__Work required__. Your answer should reproduce the full set of records exactly as given.

__Data for this exercise__.
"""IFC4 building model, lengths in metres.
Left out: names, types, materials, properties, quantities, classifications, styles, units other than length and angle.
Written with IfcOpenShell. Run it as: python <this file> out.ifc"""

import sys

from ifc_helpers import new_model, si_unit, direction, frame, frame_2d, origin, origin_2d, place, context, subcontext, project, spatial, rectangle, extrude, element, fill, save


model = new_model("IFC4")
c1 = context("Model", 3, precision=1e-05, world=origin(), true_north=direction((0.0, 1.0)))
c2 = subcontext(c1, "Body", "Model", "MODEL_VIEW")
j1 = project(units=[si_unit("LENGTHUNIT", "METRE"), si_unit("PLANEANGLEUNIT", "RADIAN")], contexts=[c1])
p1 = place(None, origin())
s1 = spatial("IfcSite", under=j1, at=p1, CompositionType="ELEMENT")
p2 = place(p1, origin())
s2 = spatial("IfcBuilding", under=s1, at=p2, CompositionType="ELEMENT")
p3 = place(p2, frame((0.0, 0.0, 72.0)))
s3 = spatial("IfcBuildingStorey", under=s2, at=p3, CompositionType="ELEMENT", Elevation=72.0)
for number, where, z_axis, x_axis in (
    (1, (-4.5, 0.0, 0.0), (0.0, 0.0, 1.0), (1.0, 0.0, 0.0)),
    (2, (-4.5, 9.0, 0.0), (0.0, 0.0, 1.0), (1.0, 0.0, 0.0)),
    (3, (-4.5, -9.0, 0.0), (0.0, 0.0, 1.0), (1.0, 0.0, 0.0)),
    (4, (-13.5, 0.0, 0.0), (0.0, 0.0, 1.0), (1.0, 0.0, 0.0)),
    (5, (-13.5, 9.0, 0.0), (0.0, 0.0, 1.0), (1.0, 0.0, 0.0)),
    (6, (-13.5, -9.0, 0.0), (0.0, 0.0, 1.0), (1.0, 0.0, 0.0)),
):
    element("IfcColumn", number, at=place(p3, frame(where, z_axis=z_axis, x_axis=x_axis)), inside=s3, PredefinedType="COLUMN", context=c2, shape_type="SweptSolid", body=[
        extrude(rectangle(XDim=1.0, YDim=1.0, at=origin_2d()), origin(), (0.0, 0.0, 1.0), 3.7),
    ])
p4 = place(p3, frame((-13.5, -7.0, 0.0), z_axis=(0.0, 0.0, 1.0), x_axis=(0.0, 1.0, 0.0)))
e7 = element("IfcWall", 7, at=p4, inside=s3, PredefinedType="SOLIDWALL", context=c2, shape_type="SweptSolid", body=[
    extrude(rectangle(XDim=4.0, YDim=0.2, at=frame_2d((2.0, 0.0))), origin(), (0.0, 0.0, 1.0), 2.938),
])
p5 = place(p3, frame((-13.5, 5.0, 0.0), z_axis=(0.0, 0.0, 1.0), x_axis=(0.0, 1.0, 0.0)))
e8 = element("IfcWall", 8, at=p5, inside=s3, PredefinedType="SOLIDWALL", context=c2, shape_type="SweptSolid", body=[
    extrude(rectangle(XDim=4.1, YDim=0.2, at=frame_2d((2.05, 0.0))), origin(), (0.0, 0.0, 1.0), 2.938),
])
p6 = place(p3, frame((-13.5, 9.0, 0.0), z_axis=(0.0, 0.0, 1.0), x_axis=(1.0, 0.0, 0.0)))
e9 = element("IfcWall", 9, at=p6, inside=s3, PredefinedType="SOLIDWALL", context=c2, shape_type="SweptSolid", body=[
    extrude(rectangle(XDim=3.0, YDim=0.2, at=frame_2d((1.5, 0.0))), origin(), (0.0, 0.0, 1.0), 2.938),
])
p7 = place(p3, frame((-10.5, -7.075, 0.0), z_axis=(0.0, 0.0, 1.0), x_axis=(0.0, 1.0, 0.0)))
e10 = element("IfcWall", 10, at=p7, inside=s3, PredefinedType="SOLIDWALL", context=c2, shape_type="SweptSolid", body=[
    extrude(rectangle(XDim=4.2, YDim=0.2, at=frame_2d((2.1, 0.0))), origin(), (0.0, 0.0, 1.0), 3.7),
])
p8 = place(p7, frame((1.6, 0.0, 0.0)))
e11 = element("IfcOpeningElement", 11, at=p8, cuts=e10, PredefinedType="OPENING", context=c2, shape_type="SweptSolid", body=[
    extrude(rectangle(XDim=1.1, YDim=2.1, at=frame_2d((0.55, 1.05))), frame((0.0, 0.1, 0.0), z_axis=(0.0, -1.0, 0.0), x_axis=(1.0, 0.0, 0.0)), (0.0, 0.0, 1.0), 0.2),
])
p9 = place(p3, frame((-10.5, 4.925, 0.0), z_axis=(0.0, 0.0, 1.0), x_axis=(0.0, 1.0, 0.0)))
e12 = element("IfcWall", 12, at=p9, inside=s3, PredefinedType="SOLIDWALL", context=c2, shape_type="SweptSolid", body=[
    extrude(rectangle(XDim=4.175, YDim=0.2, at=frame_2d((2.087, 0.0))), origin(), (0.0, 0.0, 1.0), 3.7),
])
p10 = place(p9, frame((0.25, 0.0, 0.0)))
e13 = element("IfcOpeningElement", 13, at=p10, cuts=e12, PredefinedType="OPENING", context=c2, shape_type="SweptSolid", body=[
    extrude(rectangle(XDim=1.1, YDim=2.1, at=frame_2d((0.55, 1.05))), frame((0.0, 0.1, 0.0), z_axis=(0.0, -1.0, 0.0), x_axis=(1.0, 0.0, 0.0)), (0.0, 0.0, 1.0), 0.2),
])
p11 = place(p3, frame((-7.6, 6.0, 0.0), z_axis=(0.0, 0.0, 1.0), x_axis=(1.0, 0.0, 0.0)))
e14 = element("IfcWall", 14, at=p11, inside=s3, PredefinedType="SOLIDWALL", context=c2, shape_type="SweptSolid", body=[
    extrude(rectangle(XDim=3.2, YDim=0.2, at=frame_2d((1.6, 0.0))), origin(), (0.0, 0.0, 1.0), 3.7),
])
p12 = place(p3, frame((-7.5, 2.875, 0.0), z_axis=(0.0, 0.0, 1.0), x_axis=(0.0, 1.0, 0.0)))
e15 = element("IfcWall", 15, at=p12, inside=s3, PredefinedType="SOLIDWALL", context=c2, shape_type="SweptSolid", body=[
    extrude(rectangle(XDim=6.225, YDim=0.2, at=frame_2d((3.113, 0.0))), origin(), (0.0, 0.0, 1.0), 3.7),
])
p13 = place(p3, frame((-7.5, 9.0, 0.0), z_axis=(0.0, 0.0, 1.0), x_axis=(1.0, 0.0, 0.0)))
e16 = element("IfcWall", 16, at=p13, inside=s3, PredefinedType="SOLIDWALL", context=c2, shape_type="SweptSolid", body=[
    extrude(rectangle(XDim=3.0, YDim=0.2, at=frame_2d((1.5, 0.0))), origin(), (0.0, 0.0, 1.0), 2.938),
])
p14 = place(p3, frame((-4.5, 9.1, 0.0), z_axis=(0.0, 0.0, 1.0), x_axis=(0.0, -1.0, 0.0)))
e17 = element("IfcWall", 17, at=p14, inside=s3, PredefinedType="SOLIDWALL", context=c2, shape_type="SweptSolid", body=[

__Solution to the exercise__.
"""IFC4 building model, lengths in metres.
Left out: names, types, materials, properties, quantities, classifications, styles, units other than length and angle.
Written with IfcOpenShell. Run it as: python <this file> out.ifc"""

import sys

from ifc_helpers import new_model, si_unit, direction, frame, frame_2d, origin, origin_2d, place, context, subcontext, project, spatial, rectangle, extrude, element, fill, save


model = new_model("IFC4")
c1 = context("Model", 3, precision=1e-05, world=origin(), true_north=direction((0.0, 1.0)))
c2 = subcontext(c1, "Body", "Model", "MODEL_VIEW")
j1 = project(units=[si_unit("LENGTHUNIT", "METRE"), si_unit("PLANEANGLEUNIT", "RADIAN")], contexts=[c1])
p1 = place(None, origin())
s1 = spatial("IfcSite", under=j1, at=p1, CompositionType="ELEMENT")
p2 = place(p1, origin())
s2 = spatial("IfcBuilding", under=s1, at=p2, CompositionType="ELEMENT")
p3 = place(p2, frame((0.0, 0.0, 72.0)))
s3 = spatial("IfcBuildingStorey", under=s2, at=p3, CompositionType="ELEMENT", Elevation=72.0)
for number, where, z_axis, x_axis in (
    (1, (-4.5, 0.0, 0.0), (0.0, 0.0, 1.0), (1.0, 0.0, 0.0)),
    (2, (-4.5, 9.0, 0.0), (0.0, 0.0, 1.0), (1.0, 0.0, 0.0)),
    (3, (-4.5, -9.0, 0.0), (0.0, 0.0, 1.0), (1.0, 0.0, 0.0)),
    (4, (-13.5, 0.0, 0.0), (0.0, 0.0, 1.0), (1.0, 0.0, 0.0)),
    (5, (-13.5, 9.0, 0.0), (0.0, 0.0, 1.0), (1.0, 0.0, 0.0)),
    (6, (-13.5, -9.0, 0.0), (0.0, 0.0, 1.0), (1.0, 0.0, 0.0)),
):
    element("IfcColumn", number, at=place(p3, frame(where, z_axis=z_axis, x_axis=x_axis)), inside=s3, PredefinedType="COLUMN", context=c2, shape_type="SweptSolid", body=[
        extrude(rectangle(XDim=1.0, YDim=1.0, at=origin_2d()), origin(), (0.0, 0.0, 1.0), 3.7),
    ])
p4 = place(p3, frame((-13.5, -7.0, 0.0), z_axis=(0.0, 0.0, 1.0), x_axis=(0.0, 1.0, 0.0)))
e7 = element("IfcWall", 7, at=p4, inside=s3, PredefinedType="SOLIDWALL", context=c2, shape_type="SweptSolid", body=[
    extrude(rectangle(XDim=4.0, YDim=0.2, at=frame_2d((2.0, 0.0))), origin(), (0.0, 0.0, 1.0), 2.938),
])
p5 = place(p3, frame((-13.5, 5.0, 0.0), z_axis=(0.0, 0.0, 1.0), x_axis=(0.0, 1.0, 0.0)))
e8 = element("IfcWall", 8, at=p5, inside=s3, PredefinedType="SOLIDWALL", context=c2, shape_type="SweptSolid", body=[
    extrude(rectangle(XDim=4.1, YDim=0.2, at=frame_2d((2.05, 0.0))), origin(), (0.0, 0.0, 1.0), 2.938),
])
p6 = place(p3, frame((-13.5, 9.0, 0.0), z_axis=(0.0, 0.0, 1.0), x_axis=(1.0, 0.0, 0.0)))
e9 = element("IfcWall", 9, at=p6, inside=s3, PredefinedType="SOLIDWALL", context=c2, shape_type="SweptSolid", body=[
    extrude(rectangle(XDim=3.0, YDim=0.2, at=frame_2d((1.5, 0.0))), origin(), (0.0, 0.0, 1.0), 2.938),
])
p7 = place(p3, frame((-10.5, -7.075, 0.0), z_axis=(0.0, 0.0, 1.0), x_axis=(0.0, 1.0, 0.0)))
e10 = element("IfcWall", 10, at=p7, inside=s3, PredefinedType="SOLIDWALL", context=c2, shape_type="SweptSolid", body=[
    extrude(rectangle(XDim=4.2, YDim=0.2, at=frame_2d((2.1, 0.0))), origin(), (0.0, 0.0, 1.0), 3.7),
])
p8 = place(p7, frame((1.6, 0.0, 0.0)))
e11 = element("IfcOpeningElement", 11, at=p8, cuts=e10, PredefinedType="OPENING", context=c2, shape_type="SweptSolid", body=[
    extrude(rectangle(XDim=1.1, YDim=2.1, at=frame_2d((0.55, 1.05))), frame((0.0, 0.1, 0.0), z_axis=(0.0, -1.0, 0.0), x_axis=(1.0, 0.0, 0.0)), (0.0, 0.0, 1.0), 0.2),
])
p9 = place(p3, frame((-10.5, 4.925, 0.0), z_axis=(0.0, 0.0, 1.0), x_axis=(0.0, 1.0, 0.0)))
e12 = element("IfcWall", 12, at=p9, inside=s3, PredefinedType="SOLIDWALL", context=c2, shape_type="SweptSolid", body=[
    extrude(rectangle(XDim=4.175, YDim=0.2, at=frame_2d((2.087, 0.0))), origin(), (0.0, 0.0, 1.0), 3.7),
])
p10 = place(p9, frame((0.25, 0.0, 0.0)))
e13 = element("IfcOpeningElement", 13, at=p10, cuts=e12, PredefinedType="OPENING", context=c2, shape_type="SweptSolid", body=[
    extrude(rectangle(XDim=1.1, YDim=2.1, at=frame_2d((0.55, 1.05))), frame((0.0, 0.1, 0.0), z_axis=(0.0, -1.0, 0.0), x_axis=(1.0, 0.0, 0.0)), (0.0, 0.0, 1.0), 0.2),
])
p11 = place(p3, frame((-7.6, 6.0, 0.0), z_axis=(0.0, 0.0, 1.0), x_axis=(1.0, 0.0, 0.0)))
e14 = element("IfcWall", 14, at=p11, inside=s3, PredefinedType="SOLIDWALL", context=c2, shape_type="SweptSolid", body=[
    extrude(rectangle(XDim=3.2, YDim=0.2, at=frame_2d((1.6, 0.0))), origin(), (0.0, 0.0, 1.0), 3.7),
])
p12 = place(p3, frame((-7.5, 2.875, 0.0), z_axis=(0.0, 0.0, 1.0), x_axis=(0.0, 1.0, 0.0)))
e15 = element("IfcWall", 15, at=p12, inside=s3, PredefinedType="SOLIDWALL", context=c2, shape_type="SweptSolid", body=[
    extrude(rectangle(XDim=6.225, YDim=0.2, at=frame_2d((3.113, 0.0))), origin(), (0.0, 0.0, 1.0), 3.7),
])
p13 = place(p3, frame((-7.5, 9.0, 0.0), z_axis=(0.0, 0.0, 1.0), x_axis=(1.0, 0.0, 0.0)))
e16 = element("IfcWall", 16, at=p13, inside=s3, PredefinedType="SOLIDWALL", context=c2, shape_type="SweptSolid", body=[
    extrude(rectangle(XDim=3.0, YDim=0.2, at=frame_2d((1.5, 0.0))), origin(), (0.0, 0.0, 1.0), 2.938),
])
p14 = place(p3, frame((-4.5, 9.1, 0.0), z_axis=(0.0, 0.0, 1.0), x_axis=(0.0, -1.0, 0.0)))
e17 = element("IfcWall", 17, at=p14, inside=s3, PredefinedType="SOLIDWALL", context=c2, shape_type="SweptSolid", body=[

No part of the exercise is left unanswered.